| WHAT YOU WILL DO |
Locate each line with the string "name" in the listing below and copy it.

| DATA |

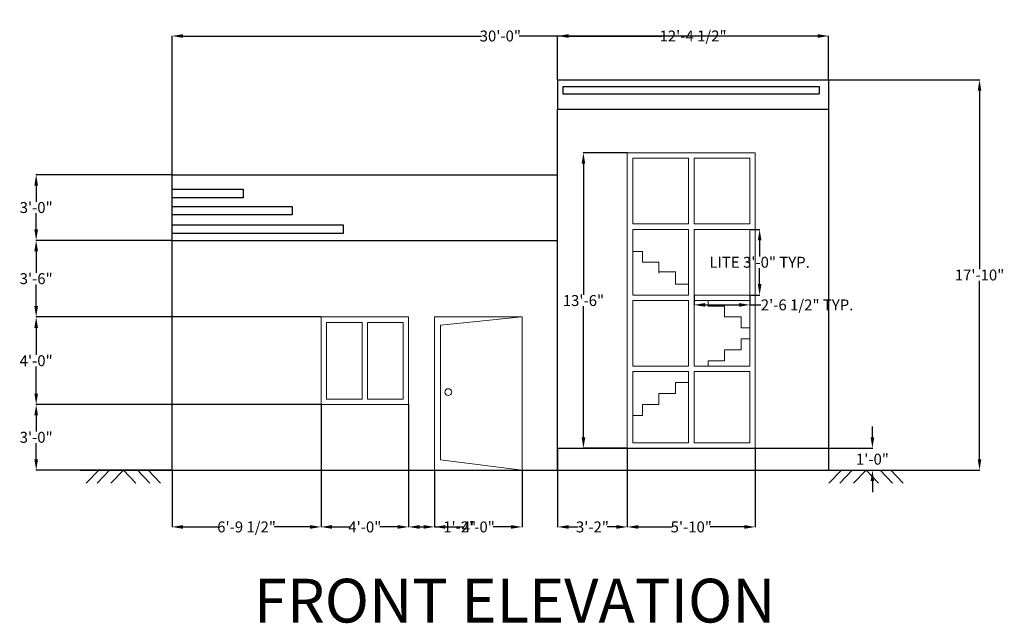
# Model space of a CAD drawing. Units: inches. Extents: x 94 to 277359, y -289541 to 1081.
# Tile 5 of 5: x 753 to 1293, y 731 to 1062. Entities that reach past the tile are written whole.
import ezdxf

# ---------------------------------------------------------------- set-up
doc = ezdxf.new("R2010")
doc.units = ezdxf.units.IN
doc.header["$MEASUREMENT"] = 0
doc.layers.get('Defpoints').update_dxf_attribs({"color": 255})
for name, color, linetype, lineweight in [('A-ANNO-DIMS', 2, 'Continuous', 18), ('A-ANNO-TEXT', 7, 'Continuous', 30), ('A-DOOR', 4, 'Continuous', 18), ('A-ELEV', 7, 'Continuous', 25), ('A-ROOF', 7, 'Continuous', 30), ('C-TOPO', 8, 'Continuous', 25), ('STAIRCASE', 10, 'Continuous', 18), ('window', 13, 'Continuous', 18)]:
    doc.layers.add(name, color=color, linetype=linetype, lineweight=lineweight)
doc.styles.get("Standard").update_dxf_attribs({"font": 'arial.ttf'})
doc.dimstyles.get("Standard").update_dxf_attribs({"dimtxt": 6, "dimasz": 6, "dimexe": 0.18, "dimexo": 0.0625, "dimgap": 0.09, "dimtad": 0, "dimtih": 1, "dimtoh": 1, "dimdec": 1, "dimzin": 0, "dimdsep": 46, "dimlunit": 3, "dimtxsty": 'Standard', "dimcen": 0.09, "dimadec": 0, "dimazin": 0, "dimtfac": 1, "dimtdec": 1, "dimtofl": 0, "dimtmove": 0, "dimatfit": 3, "dimfxl": 1, "dimtolj": 1, "dimtzin": 0, "dimarcsym": 0})

# ---------------------------------------------------------------- blocks, each defined once
blk = doc.blocks.new('GRADE-MARK')
for p, q in [((6.85, 7.09), (0, 0)), ((12.76, 7.09), (5.91, 0)), ((20.39, 7.09), (13.54, 0)), ((20.39, 7.09), (27.24, 0)), ((28.01, 7.09), (34.86, 0)), ((33.93, 7.09), (40.78, 0))]:
    blk.add_line(p, q)
blk = doc.blocks.new('WINDOW-LITE-36H')
for p, q in [((0, 36), (0, 0)), ((0, 36), (30.59, 36)), ((30.59, 0), (30.59, 36)), ((0, 0), (30.59, 0))]:
    blk.add_line(p, q)
blk = doc.blocks.new('*D25')
at = {"layer": 'A-ANNO-DIMS', "color": 0, "lineweight": -2, "transparency": 16777216}
for p, q in [((1153.29, 946.72), (1158.81, 946.72)), ((1158.63, 940.72), (1158.63, 931.87)), ((1158.63, 916.72), (1158.63, 925.56)), ((1153.29, 910.72), (1158.81, 910.72))]:
    blk.add_line(p, q, dxfattribs=at)
at = {"layer": 'A-ANNO-DIMS', "color": 0, "transparency": 16777216}
for points in [[(1157.63, 940.72), (1159.63, 940.72), (1158.63, 946.72)], [(1157.63, 916.72), (1159.63, 916.72), (1158.63, 910.72)]]:
    blk.add_solid(points, dxfattribs=at)
at = {"layer": 'Defpoints', "color": 0, "transparency": 16777216}
for p in [(1153.23, 946.72), (1158.63, 946.72), (1153.23, 910.72)]:
    blk.add_point(p, dxfattribs=at)
at = {"layer": 'A-ANNO-DIMS', "color": 0, "transparency": 16777216, "insert": (1158.63, 928.72), "char_height": 6, "attachment_point": 5}
blk.add_mtext('\\A1;LITE 3\'-0" TYP.', dxfattribs=at)
blk = doc.blocks.new('*D26')
at = {"layer": 'A-ANNO-DIMS', "color": 0, "lineweight": -2, "transparency": 16777216}
for p, q in [((1122.64, 910.65), (1122.64, 905.14)), ((1153.23, 910.65), (1153.23, 905.14)), ((1128.64, 905.32), (1147.23, 905.32)), ((1153.23, 905.32), (1159.23, 905.32))]:
    blk.add_line(p, q, dxfattribs=at)
at = {"layer": 'A-ANNO-DIMS', "color": 0, "transparency": 16777216}
for points in [[(1128.64, 906.32), (1128.64, 904.32), (1122.64, 905.32)], [(1147.23, 906.32), (1147.23, 904.32), (1153.23, 905.32)]]:
    blk.add_solid(points, dxfattribs=at)
at = {"layer": 'Defpoints', "color": 0, "transparency": 16777216}
for p in [(1122.64, 910.72), (1153.23, 910.72), (1153.23, 905.32)]:
    blk.add_point(p, dxfattribs=at)
at = {"layer": 'A-ANNO-DIMS', "color": 0, "transparency": 16777216, "insert": (1184.65, 905.32), "char_height": 6, "attachment_point": 5}
blk.add_mtext('\\A1;2\'-6 1/2" TYP.', dxfattribs=at)
blk = doc.blocks.new('*D65')
at = {"layer": 'A-ANNO-DIMS', "color": 0, "lineweight": -2, "transparency": 16777216}
for p, q in [((836.43, 976.78), (836.43, 1052.95)), ((1196.43, 1028.78), (1196.43, 1052.95)), ((842.43, 1052.77), (1006.03, 1052.77)), ((1190.43, 1052.77), (1026.82, 1052.77))]:
    blk.add_line(p, q, dxfattribs=at)
at = {"layer": 'A-ANNO-DIMS', "color": 0, "transparency": 16777216}
for points in [[(842.43, 1053.77), (842.43, 1051.77), (836.43, 1052.77)], [(1190.43, 1053.77), (1190.43, 1051.77), (1196.43, 1052.77)]]:
    blk.add_solid(points, dxfattribs=at)
at = {"layer": 'Defpoints', "color": 0, "transparency": 16777216}
for p in [(1196.43, 1052.77), (1196.43, 1028.72), (836.43, 976.72)]:
    blk.add_point(p, dxfattribs=at)
at = {"layer": 'A-ANNO-DIMS', "color": 0, "transparency": 16777216, "insert": (1016.43, 1052.77), "char_height": 6, "attachment_point": 5}
blk.add_mtext('\\A1;30\'-0"', dxfattribs=at)
blk = doc.blocks.new('*D66')
at = {"layer": 'A-ANNO-DIMS', "color": 0, "lineweight": -2, "transparency": 16777216}
for p, q in [((1196.49, 1028.72), (1279.4, 1028.72)), ((1279.22, 1022.72), (1279.22, 924.87)), ((1279.22, 820.72), (1279.22, 918.56)), ((1196.49, 814.72), (1279.4, 814.72))]:
    blk.add_line(p, q, dxfattribs=at)
at = {"layer": 'A-ANNO-DIMS', "color": 0, "transparency": 16777216}
for points in [[(1278.22, 1022.72), (1280.22, 1022.72), (1279.22, 1028.72)], [(1278.22, 820.72), (1280.22, 820.72), (1279.22, 814.72)]]:
    blk.add_solid(points, dxfattribs=at)
at = {"layer": 'Defpoints', "color": 0, "transparency": 16777216}
for p in [(1196.43, 1028.72), (1279.22, 1028.72), (1196.43, 814.72)]:
    blk.add_point(p, dxfattribs=at)
at = {"layer": 'A-ANNO-DIMS', "color": 0, "transparency": 16777216, "insert": (1279.22, 921.72), "char_height": 6, "attachment_point": 5}
blk.add_mtext('\\A1;17\'-10"', dxfattribs=at)
blk = doc.blocks.new('*D67')
at = {"layer": 'A-ANNO-DIMS', "color": 0, "lineweight": -2, "transparency": 16777216}
for p, q in [((1047.82, 1028.78), (1047.82, 1052.95)), ((1196.43, 1028.78), (1196.43, 1052.95)), ((1053.82, 1052.77), (1105.02, 1052.77)), ((1190.43, 1052.77), (1139.23, 1052.77))]:
    blk.add_line(p, q, dxfattribs=at)
at = {"layer": 'A-ANNO-DIMS', "color": 0, "transparency": 16777216}
for points in [[(1053.82, 1053.77), (1053.82, 1051.77), (1047.82, 1052.77)], [(1190.43, 1053.77), (1190.43, 1051.77), (1196.43, 1052.77)]]:
    blk.add_solid(points, dxfattribs=at)
at = {"layer": 'Defpoints', "color": 0, "transparency": 16777216}
for p in [(1196.43, 1052.77), (1047.82, 1028.72), (1196.43, 1028.72)]:
    blk.add_point(p, dxfattribs=at)
at = {"layer": 'A-ANNO-DIMS', "color": 0, "transparency": 16777216, "insert": (1122.12, 1052.77), "char_height": 6, "attachment_point": 5}
blk.add_mtext('\\A1;12\'-4 1/2"', dxfattribs=at)
blk = doc.blocks.new('*D68')
at = {"layer": 'A-ANNO-DIMS', "color": 0, "lineweight": -2, "transparency": 16777216}
for p, q in [((918.12, 850.65), (918.12, 783.4)), ((836.43, 814.65), (836.43, 783.4)), ((842.43, 783.58), (862.2, 783.58)), ((912.12, 783.58), (892.34, 783.58))]:
    blk.add_line(p, q, dxfattribs=at)
at = {"layer": 'A-ANNO-DIMS', "color": 0, "transparency": 16777216}
for points in [[(842.43, 784.58), (842.43, 782.58), (836.43, 783.58)], [(912.12, 784.58), (912.12, 782.58), (918.12, 783.58)]]:
    blk.add_solid(points, dxfattribs=at)
at = {"layer": 'Defpoints', "color": 0, "transparency": 16777216}
for p in [(918.12, 850.72), (836.43, 814.72), (918.12, 783.58)]:
    blk.add_point(p, dxfattribs=at)
at = {"layer": 'A-ANNO-DIMS', "color": 0, "transparency": 16777216, "insert": (877.27, 783.58), "char_height": 6, "attachment_point": 5}
blk.add_mtext('\\A1;6\'-9 1/2"', dxfattribs=at)
blk = doc.blocks.new('*D69')
at = {"layer": 'A-ANNO-DIMS', "color": 0, "lineweight": -2, "transparency": 16777216}
for p, q in [((918.12, 850.65), (918.12, 783.4)), ((966.12, 850.65), (966.12, 783.4)), ((924.12, 783.58), (933.93, 783.58)), ((960.12, 783.58), (950.3, 783.58))]:
    blk.add_line(p, q, dxfattribs=at)
at = {"layer": 'A-ANNO-DIMS', "color": 0, "transparency": 16777216}
for points in [[(924.12, 784.58), (924.12, 782.58), (918.12, 783.58)], [(960.12, 784.58), (960.12, 782.58), (966.12, 783.58)]]:
    blk.add_solid(points, dxfattribs=at)
at = {"layer": 'Defpoints', "color": 0, "transparency": 16777216}
for p in [(918.12, 850.72), (966.12, 850.72), (966.12, 783.58)]:
    blk.add_point(p, dxfattribs=at)
at = {"layer": 'A-ANNO-DIMS', "color": 0, "transparency": 16777216, "insert": (942.12, 783.58), "char_height": 6, "attachment_point": 5}
blk.add_mtext('\\A1;4\'-0"', dxfattribs=at)
blk = doc.blocks.new('*D70')
at = {"layer": 'A-ANNO-DIMS', "color": 0, "lineweight": -2, "transparency": 16777216}
for p, q in [((966.12, 850.65), (966.12, 783.4)), ((980.36, 814.65), (980.36, 783.4)), ((972.12, 783.58), (974.36, 783.58)), ((980.36, 783.58), (986.36, 783.58))]:
    blk.add_line(p, q, dxfattribs=at)
at = {"layer": 'A-ANNO-DIMS', "color": 0, "transparency": 16777216}
for points in [[(972.12, 784.58), (972.12, 782.58), (966.12, 783.58)], [(974.36, 784.58), (974.36, 782.58), (980.36, 783.58)]]:
    blk.add_solid(points, dxfattribs=at)
at = {"layer": 'Defpoints', "color": 0, "transparency": 16777216}
for p in [(966.12, 850.72), (980.36, 814.72), (980.36, 783.58)]:
    blk.add_point(p, dxfattribs=at)
at = {"layer": 'A-ANNO-DIMS', "color": 0, "transparency": 16777216, "insert": (994.14, 783.58), "char_height": 6, "attachment_point": 5}
blk.add_mtext('\\A1;1\'-2"', dxfattribs=at)
blk = doc.blocks.new('*D71')
at = {"layer": 'A-ANNO-DIMS', "color": 0, "lineweight": -2, "transparency": 16777216}
for p, q in [((980.36, 814.65), (980.36, 783.4)), ((1028.36, 814.65), (1028.36, 783.4)), ((986.36, 783.58), (996.17, 783.58)), ((1022.36, 783.58), (1012.54, 783.58))]:
    blk.add_line(p, q, dxfattribs=at)
at = {"layer": 'A-ANNO-DIMS', "color": 0, "transparency": 16777216}
for points in [[(986.36, 784.58), (986.36, 782.58), (980.36, 783.58)], [(1022.36, 784.58), (1022.36, 782.58), (1028.36, 783.58)]]:
    blk.add_solid(points, dxfattribs=at)
at = {"layer": 'Defpoints', "color": 0, "transparency": 16777216}
for p in [(980.36, 814.72), (1028.36, 814.72), (1028.36, 783.58)]:
    blk.add_point(p, dxfattribs=at)
at = {"layer": 'A-ANNO-DIMS', "color": 0, "transparency": 16777216, "insert": (1004.36, 783.58), "char_height": 6, "attachment_point": 5}
blk.add_mtext('\\A1;4\'-0"', dxfattribs=at)
blk = doc.blocks.new('*D72')
at = {"layer": 'A-ANNO-DIMS', "color": 0, "lineweight": -2, "transparency": 16777216}
for p, q in [((1047.82, 826.65), (1047.82, 783.4)), ((1086.05, 826.65), (1086.05, 783.4)), ((1053.82, 783.58), (1058.87, 783.58)), ((1080.05, 783.58), (1074.99, 783.58))]:
    blk.add_line(p, q, dxfattribs=at)
at = {"layer": 'A-ANNO-DIMS', "color": 0, "transparency": 16777216}
for points in [[(1053.82, 784.58), (1053.82, 782.58), (1047.82, 783.58)], [(1080.05, 784.58), (1080.05, 782.58), (1086.05, 783.58)]]:
    blk.add_solid(points, dxfattribs=at)
at = {"layer": 'Defpoints', "color": 0, "transparency": 16777216}
for p in [(1047.82, 826.72), (1086.05, 826.72), (1086.05, 783.58)]:
    blk.add_point(p, dxfattribs=at)
at = {"layer": 'A-ANNO-DIMS', "color": 0, "transparency": 16777216, "insert": (1066.93, 783.58), "char_height": 6, "attachment_point": 5}
blk.add_mtext('\\A1;3\'-2"', dxfattribs=at)
blk = doc.blocks.new('*D73')
at = {"layer": 'A-ANNO-DIMS', "color": 0, "lineweight": -2, "transparency": 16777216}
for p, q in [((1086.05, 826.65), (1086.05, 783.4)), ((1156.23, 826.65), (1156.23, 783.4)), ((1092.05, 783.58), (1110.74, 783.58)), ((1150.23, 783.58), (1131.53, 783.58))]:
    blk.add_line(p, q, dxfattribs=at)
at = {"layer": 'A-ANNO-DIMS', "color": 0, "transparency": 16777216}
for points in [[(1092.05, 784.58), (1092.05, 782.58), (1086.05, 783.58)], [(1150.23, 784.58), (1150.23, 782.58), (1156.23, 783.58)]]:
    blk.add_solid(points, dxfattribs=at)
at = {"layer": 'Defpoints', "color": 0, "transparency": 16777216}
for p in [(1086.05, 826.72), (1156.23, 826.72), (1156.23, 783.58)]:
    blk.add_point(p, dxfattribs=at)
at = {"layer": 'A-ANNO-DIMS', "color": 0, "transparency": 16777216, "insert": (1121.14, 783.58), "char_height": 6, "attachment_point": 5}
blk.add_mtext('\\A1;5\'-10"', dxfattribs=at)
blk = doc.blocks.new('*D74')
at = {"layer": 'A-ANNO-DIMS', "color": 0, "lineweight": -2, "transparency": 16777216}
for p, q in [((918.05, 850.72), (761.71, 850.72)), ((761.89, 844.72), (761.89, 835.87)), ((761.89, 820.72), (761.89, 829.56)), ((836.36, 814.72), (761.71, 814.72))]:
    blk.add_line(p, q, dxfattribs=at)
at = {"layer": 'A-ANNO-DIMS', "color": 0, "transparency": 16777216}
for points in [[(760.89, 844.72), (762.89, 844.72), (761.89, 850.72)], [(760.89, 820.72), (762.89, 820.72), (761.89, 814.72)]]:
    blk.add_solid(points, dxfattribs=at)
at = {"layer": 'Defpoints', "color": 0, "transparency": 16777216}
for p in [(761.89, 850.72), (918.12, 850.72), (836.43, 814.72)]:
    blk.add_point(p, dxfattribs=at)
at = {"layer": 'A-ANNO-DIMS', "color": 0, "transparency": 16777216, "insert": (761.89, 832.72), "char_height": 6, "attachment_point": 5}
blk.add_mtext('\\A1;3\'-0"', dxfattribs=at)
blk = doc.blocks.new('*D75')
at = {"layer": 'A-ANNO-DIMS', "color": 0, "lineweight": -2, "transparency": 16777216}
for p, q in [((918.05, 898.72), (761.71, 898.72)), ((761.89, 892.72), (761.89, 877.87)), ((761.89, 856.72), (761.89, 871.56)), ((918.05, 850.72), (761.71, 850.72))]:
    blk.add_line(p, q, dxfattribs=at)
at = {"layer": 'A-ANNO-DIMS', "color": 0, "transparency": 16777216}
for points in [[(760.89, 892.72), (762.89, 892.72), (761.89, 898.72)], [(760.89, 856.72), (762.89, 856.72), (761.89, 850.72)]]:
    blk.add_solid(points, dxfattribs=at)
at = {"layer": 'Defpoints', "color": 0, "transparency": 16777216}
for p in [(761.89, 898.72), (918.12, 898.72), (918.12, 850.72)]:
    blk.add_point(p, dxfattribs=at)
at = {"layer": 'A-ANNO-DIMS', "color": 0, "transparency": 16777216, "insert": (761.89, 874.72), "char_height": 6, "attachment_point": 5}
blk.add_mtext('\\A1;4\'-0"', dxfattribs=at)
blk = doc.blocks.new('*D76')
at = {"layer": 'A-ANNO-DIMS', "color": 0, "lineweight": -2, "transparency": 16777216}
for p, q in [((836.36, 940.72), (761.71, 940.72)), ((761.89, 934.72), (761.89, 922.87)), ((761.89, 904.72), (761.89, 916.56)), ((918.05, 898.72), (761.71, 898.72))]:
    blk.add_line(p, q, dxfattribs=at)
at = {"layer": 'A-ANNO-DIMS', "color": 0, "transparency": 16777216}
for points in [[(760.89, 934.72), (762.89, 934.72), (761.89, 940.72)], [(760.89, 904.72), (762.89, 904.72), (761.89, 898.72)]]:
    blk.add_solid(points, dxfattribs=at)
at = {"layer": 'Defpoints', "color": 0, "transparency": 16777216}
for p in [(761.89, 940.72), (836.43, 940.72), (918.12, 898.72)]:
    blk.add_point(p, dxfattribs=at)
at = {"layer": 'A-ANNO-DIMS', "color": 0, "transparency": 16777216, "insert": (761.89, 919.72), "char_height": 6, "attachment_point": 5}
blk.add_mtext('\\A1;3\'-6"', dxfattribs=at)
blk = doc.blocks.new('*D77')
at = {"layer": 'A-ANNO-DIMS', "color": 0, "lineweight": -2, "transparency": 16777216}
for p, q in [((836.36, 976.72), (761.71, 976.72)), ((761.89, 970.72), (761.89, 961.87)), ((761.89, 946.72), (761.89, 955.56)), ((836.36, 940.72), (761.71, 940.72))]:
    blk.add_line(p, q, dxfattribs=at)
at = {"layer": 'A-ANNO-DIMS', "color": 0, "transparency": 16777216}
for points in [[(760.89, 970.72), (762.89, 970.72), (761.89, 976.72)], [(760.89, 946.72), (762.89, 946.72), (761.89, 940.72)]]:
    blk.add_solid(points, dxfattribs=at)
at = {"layer": 'Defpoints', "color": 0, "transparency": 16777216}
for p in [(761.89, 976.72), (836.43, 976.72), (836.43, 940.72)]:
    blk.add_point(p, dxfattribs=at)
at = {"layer": 'A-ANNO-DIMS', "color": 0, "transparency": 16777216, "insert": (761.89, 958.72), "char_height": 6, "attachment_point": 5}
blk.add_mtext('\\A1;3\'-0"', dxfattribs=at)
blk = doc.blocks.new('*D78')
at = {"layer": 'A-ANNO-DIMS', "color": 0, "lineweight": -2, "transparency": 16777216}
for p, q in [((1085.98, 988.72), (1061.82, 988.72)), ((1062, 982.72), (1062, 910.87)), ((1062, 832.72), (1062, 904.56)), ((1085.98, 826.72), (1061.82, 826.72))]:
    blk.add_line(p, q, dxfattribs=at)
at = {"layer": 'A-ANNO-DIMS', "color": 0, "transparency": 16777216}
for points in [[(1061, 982.72), (1063, 982.72), (1062, 988.72)], [(1061, 832.72), (1063, 832.72), (1062, 826.72)]]:
    blk.add_solid(points, dxfattribs=at)
at = {"layer": 'Defpoints', "color": 0, "transparency": 16777216}
for p in [(1062, 988.72), (1086.05, 988.72), (1086.05, 826.72)]:
    blk.add_point(p, dxfattribs=at)
at = {"layer": 'A-ANNO-DIMS', "color": 0, "transparency": 16777216, "insert": (1062, 907.72), "char_height": 6, "attachment_point": 5}
blk.add_mtext('\\A1;13\'-6"', dxfattribs=at)
blk = doc.blocks.new('*D79')
at = {"layer": 'A-ANNO-DIMS', "color": 0, "lineweight": -2, "transparency": 16777216}
for p, q in [((1220.476679, 832.716887), (1220.476679, 838.716887)), ((1196.489179, 826.716887), (1220.656679, 826.716887)), ((1196.489179, 814.716887), (1220.656679, 814.716887)), ((1220.476679, 808.716887), (1220.476679, 802.716887))]:
    blk.add_line(p, q, dxfattribs=at)
at = {"layer": 'A-ANNO-DIMS', "color": 0, "transparency": 16777216}
for points in [[(1219.476679, 832.716887), (1221.476679, 832.716887), (1220.476679, 826.716887)], [(1219.476679, 808.716887), (1221.476679, 808.716887), (1220.476679, 814.716887)]]:
    blk.add_solid(points, dxfattribs=at)
at = {"layer": 'Defpoints', "color": 0, "transparency": 16777216}
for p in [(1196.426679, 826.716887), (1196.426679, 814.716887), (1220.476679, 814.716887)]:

| ANSWER FOR THE TASK |
for name, color, linetype, lineweight in [('A-ANNO-DIMS', 2, 'Continuous', 18), ('A-ANNO-TEXT', 7, 'Continuous', 30), ('A-DOOR', 4, 'Continuous', 18), ('A-ELEV', 7, 'Continuous', 25), ('A-ROOF', 7, 'Continuous', 30), ('C-TOPO', 8, 'Continuous', 25), ('STAIRCASE', 10, 'Continuous', 18), ('window', 13, 'Continuous', 18)]:
    doc.layers.add(name, color=color, linetype=linetype, lineweight=lineweight)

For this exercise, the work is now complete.